Action item: Within these entries, which lines include the string "CIRCLE"? Copy each one.
-- Available data follows --
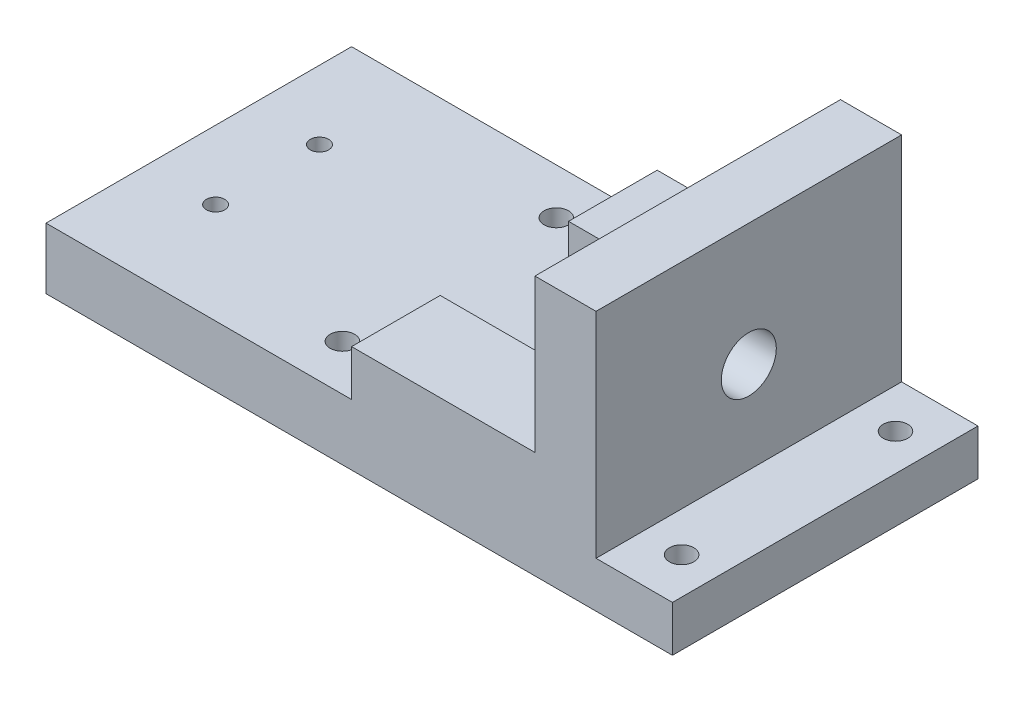
ISO-10303-21;
HEADER;
FILE_DESCRIPTION(('STEP AP214'),'2;1');
FILE_NAME('part.step','',(''),(''),'','','');
FILE_SCHEMA(('AUTOMOTIVE_DESIGN { 1 0 10303 214 1 1 1 1 }'));
ENDSEC;
DATA;
#1=APPLICATION_CONTEXT('core data for automotive mechanical design processes');
#2=APPLICATION_PROTOCOL_DEFINITION('international standard','automotive_design',2000,#1);
#3=PRODUCT_CONTEXT('',#1,'mechanical');
#4=PRODUCT('Part','Part','',(#3));
#5=PRODUCT_RELATED_PRODUCT_CATEGORY('part','',(#4));
#6=PRODUCT_DEFINITION_FORMATION('','',#4);
#7=PRODUCT_DEFINITION_CONTEXT('part definition',#1,'design');
#8=PRODUCT_DEFINITION('design','',#6,#7);
#9=PRODUCT_DEFINITION_SHAPE('','',#8);
#10=(LENGTH_UNIT() NAMED_UNIT(*) SI_UNIT(.MILLI.,.METRE.));
#11=(NAMED_UNIT(*) PLANE_ANGLE_UNIT() SI_UNIT($,.RADIAN.));
#12=(NAMED_UNIT(*) SI_UNIT($,.STERADIAN.) SOLID_ANGLE_UNIT());
#13=UNCERTAINTY_MEASURE_WITH_UNIT(LENGTH_MEASURE(1.E-05),#10,'distance_accuracy_value','');
#14=(GEOMETRIC_REPRESENTATION_CONTEXT(3) GLOBAL_UNCERTAINTY_ASSIGNED_CONTEXT((#13)) GLOBAL_UNIT_ASSIGNED_CONTEXT((#10,
#11,#12)) REPRESENTATION_CONTEXT('',''));
#15=CARTESIAN_POINT('',(0.,0.,0.));
#16=DIRECTION('',(0.,0.,1.));
#17=DIRECTION('',(1.,0.,0.));
#18=AXIS2_PLACEMENT_3D('',#15,#16,#17);
#19=CARTESIAN_POINT('',(-2.49999999999999,35.,50.));
#20=DIRECTION('',(0.,-1.,0.));
#21=DIRECTION('',(0.,0.,-1.));
#22=AXIS2_PLACEMENT_3D('',#19,#20,#21);
#23=PLANE('',#22);
#24=DIRECTION('',(0.,0.,-1.));
#25=VECTOR('',#24,1.);
#26=CARTESIAN_POINT('',(57.5,35.,50.));
#27=LINE('',#26,#25);
#28=CARTESIAN_POINT('',(57.5,35.,50.));
#29=VERTEX_POINT('',#28);
#30=CARTESIAN_POINT('',(57.5,35.,21.));
#31=VERTEX_POINT('',#30);
#32=EDGE_CURVE('E200',#29,#31,#27,.T.);
#33=ORIENTED_EDGE('',*,*,#32,.T.);
#34=DIRECTION('',(1.,0.,0.));
#35=VECTOR('',#34,1.);
#36=CARTESIAN_POINT('',(-2.49999999999998,35.,21.));
#37=LINE('',#36,#35);
#38=CARTESIAN_POINT('',(-2.49999999999998,35.,21.));
#39=VERTEX_POINT('',#38);
#40=EDGE_CURVE('E253',#39,#31,#37,.T.);
#41=ORIENTED_EDGE('',*,*,#40,.F.);
#42=DIRECTION('',(0.,0.,-1.));
#43=VECTOR('',#42,1.);
#44=CARTESIAN_POINT('',(-2.49999999999999,35.,50.));
#45=LINE('',#44,#43);
#46=CARTESIAN_POINT('',(-2.49999999999999,35.,50.));
#47=VERTEX_POINT('',#46);
#48=EDGE_CURVE('E198',#47,#39,#45,.T.);
#49=ORIENTED_EDGE('',*,*,#48,.F.);
#50=DIRECTION('',(-1.,0.,0.));
#51=VECTOR('',#50,1.);
#52=CARTESIAN_POINT('',(-2.49999999999999,35.,50.));
#53=LINE('',#52,#51);
#54=EDGE_CURVE('E144',#29,#47,#53,.T.);
#55=ORIENTED_EDGE('',*,*,#54,.F.);
#56=EDGE_LOOP('',(#33,#41,#49,#55));
#57=FACE_BOUND('',#56,.T.);
#58=ADVANCED_FACE('F41',(#57),#23,.F.);
#59=CARTESIAN_POINT('',(-2.49999999999999,20.,50.));
#60=DIRECTION('',(1.,0.,0.));
#61=DIRECTION('',(0.,0.,-1.));
#62=AXIS2_PLACEMENT_3D('',#59,#60,#61);
#63=PLANE('',#62);
#64=ORIENTED_EDGE('',*,*,#48,.T.);
#65=DIRECTION('',(0.,1.,0.));
#66=VECTOR('',#65,1.);
#67=CARTESIAN_POINT('',(-2.49999999999998,-53.2393336944022,21.));
#68=LINE('',#67,#66);
#69=CARTESIAN_POINT('',(-2.49999999999998,20.,21.));
#70=VERTEX_POINT('',#69);
#71=EDGE_CURVE('E156',#70,#39,#68,.T.);
#72=ORIENTED_EDGE('',*,*,#71,.F.);
#73=DIRECTION('',(0.,0.,-1.));
#74=VECTOR('',#73,1.);
#75=CARTESIAN_POINT('',(-2.49999999999999,20.,50.));
#76=LINE('',#75,#74);
#77=CARTESIAN_POINT('',(-2.49999999999999,20.,50.));
#78=VERTEX_POINT('',#77);
#79=EDGE_CURVE('E155',#78,#70,#76,.T.);
#80=ORIENTED_EDGE('',*,*,#79,.F.);
#81=DIRECTION('',(0.,-1.,0.));
#82=VECTOR('',#81,1.);
#83=CARTESIAN_POINT('',(-2.49999999999999,20.,50.));
#84=LINE('',#83,#82);
#85=EDGE_CURVE('E137',#47,#78,#84,.T.);
#86=ORIENTED_EDGE('',*,*,#85,.F.);
#87=EDGE_LOOP('',(#64,#72,#80,#86));
#88=FACE_BOUND('',#87,.T.);
#89=ADVANCED_FACE('F153',(#88),#63,.F.);
#90=CARTESIAN_POINT('',(102.5,15.,50.));
#91=DIRECTION('',(-1.,0.,0.));
#92=DIRECTION('',(0.,0.,1.));
#93=AXIS2_PLACEMENT_3D('',#90,#91,#92);
#94=PLANE('',#93);
#95=DIRECTION('',(0.,1.,0.));
#96=VECTOR('',#95,1.);
#97=CARTESIAN_POINT('',(102.5,15.,-50.));
#98=LINE('',#97,#96);
#99=CARTESIAN_POINT('',(102.5,0.,-50.));
#100=VERTEX_POINT('',#99);
#101=CARTESIAN_POINT('',(102.5,15.,-50.));
#102=VERTEX_POINT('',#101);
#103=EDGE_CURVE('E173',#100,#102,#98,.T.);
#104=ORIENTED_EDGE('',*,*,#103,.T.);
#105=DIRECTION('',(0.,0.,-1.));
#106=VECTOR('',#105,1.);
#107=CARTESIAN_POINT('',(102.5,15.,50.));
#108=LINE('',#107,#106);
#109=CARTESIAN_POINT('',(102.5,15.,50.));
#110=VERTEX_POINT('',#109);
#111=EDGE_CURVE('E49',#110,#102,#108,.T.);
#112=ORIENTED_EDGE('',*,*,#111,.F.);
#113=DIRECTION('',(0.,1.,0.));
#114=VECTOR('',#113,1.);
#115=CARTESIAN_POINT('',(102.5,15.,50.));
#116=LINE('',#115,#114);
#117=CARTESIAN_POINT('',(102.5,0.,50.));
#118=VERTEX_POINT('',#117);
#119=EDGE_CURVE('E113',#118,#110,#116,.T.);
#120=ORIENTED_EDGE('',*,*,#119,.F.);
#121=DIRECTION('',(0.,0.,-1.));
#122=VECTOR('',#121,1.);
#123=CARTESIAN_POINT('',(102.5,0.,50.));
#124=LINE('',#123,#122);
#125=EDGE_CURVE('E11',#118,#100,#124,.T.);
#126=ORIENTED_EDGE('',*,*,#125,.T.);
#127=EDGE_LOOP('',(#104,#112,#120,#126));
#128=FACE_BOUND('',#127,.T.);
#129=ADVANCED_FACE('F43',(#128),#94,.F.);
#130=CARTESIAN_POINT('',(77.5,15.,50.));
#131=DIRECTION('',(0.,-1.,0.));
#132=DIRECTION('',(1.,0.,0.));
#133=AXIS2_PLACEMENT_3D('',#130,#131,#132);
#134=PLANE('',#133);
#135=CARTESIAN_POINT('',(90.5,15.,-35.));
#136=DIRECTION('',(0.,1.,0.));
#137=DIRECTION('',(-1.,0.,0.));
#138=AXIS2_PLACEMENT_3D('',#135,#136,#137);
#139=CIRCLE('',#138,4.00000000000001);
#140=CARTESIAN_POINT('',(86.5,15.,-35.));
#141=VERTEX_POINT('',#140);
#142=EDGE_CURVE('E216',#141,#141,#139,.T.);
#143=ORIENTED_EDGE('',*,*,#142,.F.);
#144=EDGE_LOOP('',(#143));
#145=FACE_BOUND('',#144,.T.);
#146=CARTESIAN_POINT('',(90.5,15.,35.));
#147=DIRECTION('',(0.,1.,0.));
#148=DIRECTION('',(1.,0.,0.));
#149=AXIS2_PLACEMENT_3D('',#146,#147,#148);
#150=CIRCLE('',#149,4.00000000000001);
#151=CARTESIAN_POINT('',(94.5,15.,35.));
#152=VERTEX_POINT('',#151);
#153=EDGE_CURVE('E269',#152,#152,#150,.T.);
#154=ORIENTED_EDGE('',*,*,#153,.F.);
#155=EDGE_LOOP('',(#154));
#156=FACE_BOUND('',#155,.T.);
#157=DIRECTION('',(-1.,0.,0.));
#158=VECTOR('',#157,1.);
#159=CARTESIAN_POINT('',(77.5,15.,-50.));
#160=LINE('',#159,#158);
#161=CARTESIAN_POINT('',(77.5,15.,-50.));
#162=VERTEX_POINT('',#161);
#163=EDGE_CURVE('E171',#102,#162,#160,.T.);
#164=ORIENTED_EDGE('',*,*,#163,.T.);
#165=DIRECTION('',(0.,0.,-1.));
#166=VECTOR('',#165,1.);
#167=CARTESIAN_POINT('',(77.5,15.,50.));
#168=LINE('',#167,#166);
#169=CARTESIAN_POINT('',(77.5,15.,50.));
#170=VERTEX_POINT('',#169);
#171=EDGE_CURVE('E208',#170,#162,#168,.T.);
#172=ORIENTED_EDGE('',*,*,#171,.F.);
#173=DIRECTION('',(-1.,0.,0.));
#174=VECTOR('',#173,1.);
#175=CARTESIAN_POINT('',(77.5,15.,50.));
#176=LINE('',#175,#174);
#177=EDGE_CURVE('E280',#110,#170,#176,.T.);
#178=ORIENTED_EDGE('',*,*,#177,.F.);
#179=ORIENTED_EDGE('',*,*,#111,.T.);
#180=EDGE_LOOP('',(#164,#172,#178,#179));
#181=FACE_BOUND('',#180,.T.);
#182=ADVANCED_FACE('F352',(#145,#156,#181),#134,.F.);
#183=CARTESIAN_POINT('',(77.5,85.,50.));
#184=DIRECTION('',(-1.,0.,0.));
#185=DIRECTION('',(0.,-1.,0.));
#186=AXIS2_PLACEMENT_3D('',#183,#184,#185);
#187=PLANE('',#186);
#188=CARTESIAN_POINT('',(77.5,45.,0.));
#189=DIRECTION('',(1.,0.,0.));
#190=DIRECTION('',(0.,1.,0.));
#191=AXIS2_PLACEMENT_3D('',#188,#189,#190);
#192=CIRCLE('',#191,9.);
#193=CARTESIAN_POINT('',(77.5,54.,0.));
#194=VERTEX_POINT('',#193);
#195=EDGE_CURVE('E224',#194,#194,#192,.T.);
#196=ORIENTED_EDGE('',*,*,#195,.F.);
#197=EDGE_LOOP('',(#196));
#198=FACE_BOUND('',#197,.T.);
#199=DIRECTION('',(0.,1.,0.));
#200=VECTOR('',#199,1.);
#201=CARTESIAN_POINT('',(77.5,85.,-50.));
#202=LINE('',#201,#200);
#203=CARTESIAN_POINT('',(77.5,85.,-50.));
#204=VERTEX_POINT('',#203);
#205=EDGE_CURVE('E178',#162,#204,#202,.T.);
#206=ORIENTED_EDGE('',*,*,#205,.T.);
#207=DIRECTION('',(0.,0.,-1.));
#208=VECTOR('',#207,1.);
#209=CARTESIAN_POINT('',(77.5,85.,50.));
#210=LINE('',#209,#208);
#211=CARTESIAN_POINT('',(77.5,85.,50.));
#212=VERTEX_POINT('',#211);
#213=EDGE_CURVE('E202',#212,#204,#210,.T.);
#214=ORIENTED_EDGE('',*,*,#213,.F.);
#215=DIRECTION('',(0.,1.,0.));
#216=VECTOR('',#215,1.);
#217=CARTESIAN_POINT('',(77.5,85.,50.));
#218=LINE('',#217,#216);
#219=EDGE_CURVE('E276',#170,#212,#218,.T.);
#220=ORIENTED_EDGE('',*,*,#219,.F.);
#221=ORIENTED_EDGE('',*,*,#171,.T.);
#222=EDGE_LOOP('',(#206,#214,#220,#221));
#223=FACE_BOUND('',#222,.T.);
#224=ADVANCED_FACE('F363',(#198,#223),#187,.F.);
#225=CARTESIAN_POINT('',(57.5,85.,50.));
#226=DIRECTION('',(0.,-1.,0.));
#227=DIRECTION('',(0.,0.,-1.));
#228=AXIS2_PLACEMENT_3D('',#225,#226,#227);
#229=PLANE('',#228);
#230=DIRECTION('',(-1.,0.,0.));
#231=VECTOR('',#230,1.);
#232=CARTESIAN_POINT('',(57.5,85.,-50.));
#233=LINE('',#232,#231);
#234=CARTESIAN_POINT('',(57.5,85.,-50.));
#235=VERTEX_POINT('',#234);
#236=EDGE_CURVE('E177',#204,#235,#233,.T.);
#237=ORIENTED_EDGE('',*,*,#236,.T.);
#238=DIRECTION('',(0.,0.,-1.));
#239=VECTOR('',#238,1.);
#240=CARTESIAN_POINT('',(57.5,85.,50.));
#241=LINE('',#240,#239);
#242=CARTESIAN_POINT('',(57.5,85.,50.));
#243=VERTEX_POINT('',#242);
#244=EDGE_CURVE('E205',#243,#235,#241,.T.);
#245=ORIENTED_EDGE('',*,*,#244,.F.);
#246=DIRECTION('',(-1.,0.,0.));
#247=VECTOR('',#246,1.);
#248=CARTESIAN_POINT('',(57.5,85.,50.));
#249=LINE('',#248,#247);
#250=EDGE_CURVE('E283',#212,#243,#249,.T.);
#251=ORIENTED_EDGE('',*,*,#250,.F.);
#252=ORIENTED_EDGE('',*,*,#213,.T.);
#253=EDGE_LOOP('',(#237,#245,#251,#252));
#254=FACE_BOUND('',#253,.T.);
#255=ADVANCED_FACE('F340',(#254),#229,.F.);
#256=CARTESIAN_POINT('',(57.5,35.,50.));
#257=DIRECTION('',(1.,0.,0.));
#258=DIRECTION('',(0.,0.,-1.));
#259=AXIS2_PLACEMENT_3D('',#256,#257,#258);
#260=PLANE('',#259);
#261=CARTESIAN_POINT('',(57.5,45.,0.));
#262=DIRECTION('',(1.,0.,0.));
#263=DIRECTION('',(0.,0.,-1.));
#264=AXIS2_PLACEMENT_3D('',#261,#262,#263);
#265=CIRCLE('',#264,9.);
#266=CARTESIAN_POINT('',(57.5,45.,-9.));
#267=VERTEX_POINT('',#266);
#268=EDGE_CURVE('E218',#267,#267,#265,.T.);
#269=ORIENTED_EDGE('',*,*,#268,.T.);
#270=EDGE_LOOP('',(#269));
#271=FACE_BOUND('',#270,.T.);
#272=DIRECTION('',(0.,-1.,0.));
#273=VECTOR('',#272,1.);
#274=CARTESIAN_POINT('',(57.5,35.,-50.));
#275=LINE('',#274,#273);
#276=CARTESIAN_POINT('',(57.5,35.,-50.));
#277=VERTEX_POINT('',#276);
#278=EDGE_CURVE('E176',#235,#277,#275,.T.);
#279=ORIENTED_EDGE('',*,*,#278,.T.);
#280=CARTESIAN_POINT('',(57.5,35.,-21.));
#281=VERTEX_POINT('',#280);
#282=EDGE_CURVE('E196',#281,#277,#27,.T.);
#283=ORIENTED_EDGE('',*,*,#282,.F.);
#284=DIRECTION('',(0.,1.,0.));
#285=VECTOR('',#284,1.);
#286=CARTESIAN_POINT('',(57.5,-53.2393336944022,-21.));
#287=LINE('',#286,#285);
#288=CARTESIAN_POINT('',(57.5,20.,-21.));
#289=VERTEX_POINT('',#288);
#290=EDGE_CURVE('E260',#289,#281,#287,.T.);
#291=ORIENTED_EDGE('',*,*,#290,.F.);
#292=DIRECTION('',(0.,0.,-1.));
#293=VECTOR('',#292,1.);
#294=CARTESIAN_POINT('',(57.5,20.,21.));
#295=LINE('',#294,#293);
#296=CARTESIAN_POINT('',(57.5,20.,21.));
#297=VERTEX_POINT('',#296);
#298=EDGE_CURVE('E256',#297,#289,#295,.T.);
#299=ORIENTED_EDGE('',*,*,#298,.F.);
#300=DIRECTION('',(0.,1.,0.));
#301=VECTOR('',#300,1.);
#302=CARTESIAN_POINT('',(57.5,-53.2393336944022,21.));
#303=LINE('',#302,#301);
#304=EDGE_CURVE('E261',#297,#31,#303,.T.);
#305=ORIENTED_EDGE('',*,*,#304,.T.);
#306=ORIENTED_EDGE('',*,*,#32,.F.);
#307=DIRECTION('',(0.,-1.,0.));
#308=VECTOR('',#307,1.);
#309=CARTESIAN_POINT('',(57.5,35.,50.));
#310=LINE('',#309,#308);
#311=EDGE_CURVE('E281',#243,#29,#310,.T.);
#312=ORIENTED_EDGE('',*,*,#311,.F.);
#313=ORIENTED_EDGE('',*,*,#244,.T.);
#314=EDGE_LOOP('',(#279,#283,#291,#299,#305,#306,#312,#313));
#315=FACE_BOUND('',#314,.T.);
#316=ADVANCED_FACE('F290',(#271,#315),#260,.F.);
#317=CARTESIAN_POINT('',(-2.49999999999999,35.,-21.));
#318=VERTEX_POINT('',#317);
#319=CARTESIAN_POINT('',(-2.49999999999999,35.,-50.));
#320=VERTEX_POINT('',#319);
#321=EDGE_CURVE('E157',#318,#320,#45,.T.);
#322=ORIENTED_EDGE('',*,*,#321,.F.);
#323=DIRECTION('',(-1.,0.,0.));
#324=VECTOR('',#323,1.);
#325=CARTESIAN_POINT('',(57.5,35.,-21.));
#326=LINE('',#325,#324);
#327=EDGE_CURVE('E225',#281,#318,#326,.T.);
#328=ORIENTED_EDGE('',*,*,#327,.F.);
#329=ORIENTED_EDGE('',*,*,#282,.T.);
#330=DIRECTION('',(-1.,0.,0.));
#331=VECTOR('',#330,1.);
#332=CARTESIAN_POINT('',(-2.49999999999999,35.,-50.));
#333=LINE('',#332,#331);
#334=EDGE_CURVE('E181',#277,#320,#333,.T.);
#335=ORIENTED_EDGE('',*,*,#334,.T.);
#336=EDGE_LOOP('',(#322,#328,#329,#335));
#337=FACE_BOUND('',#336,.T.);
#338=ADVANCED_FACE('F322',(#337),#23,.F.);
#339=CARTESIAN_POINT('',(-2.49999999999999,20.,-21.));
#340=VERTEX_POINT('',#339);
-- Available data concluded --
Solution to the exercise:
#139=CIRCLE('',#138,4.00000000000001);
#150=CIRCLE('',#149,4.00000000000001);
#192=CIRCLE('',#191,9.);
#265=CIRCLE('',#264,9.);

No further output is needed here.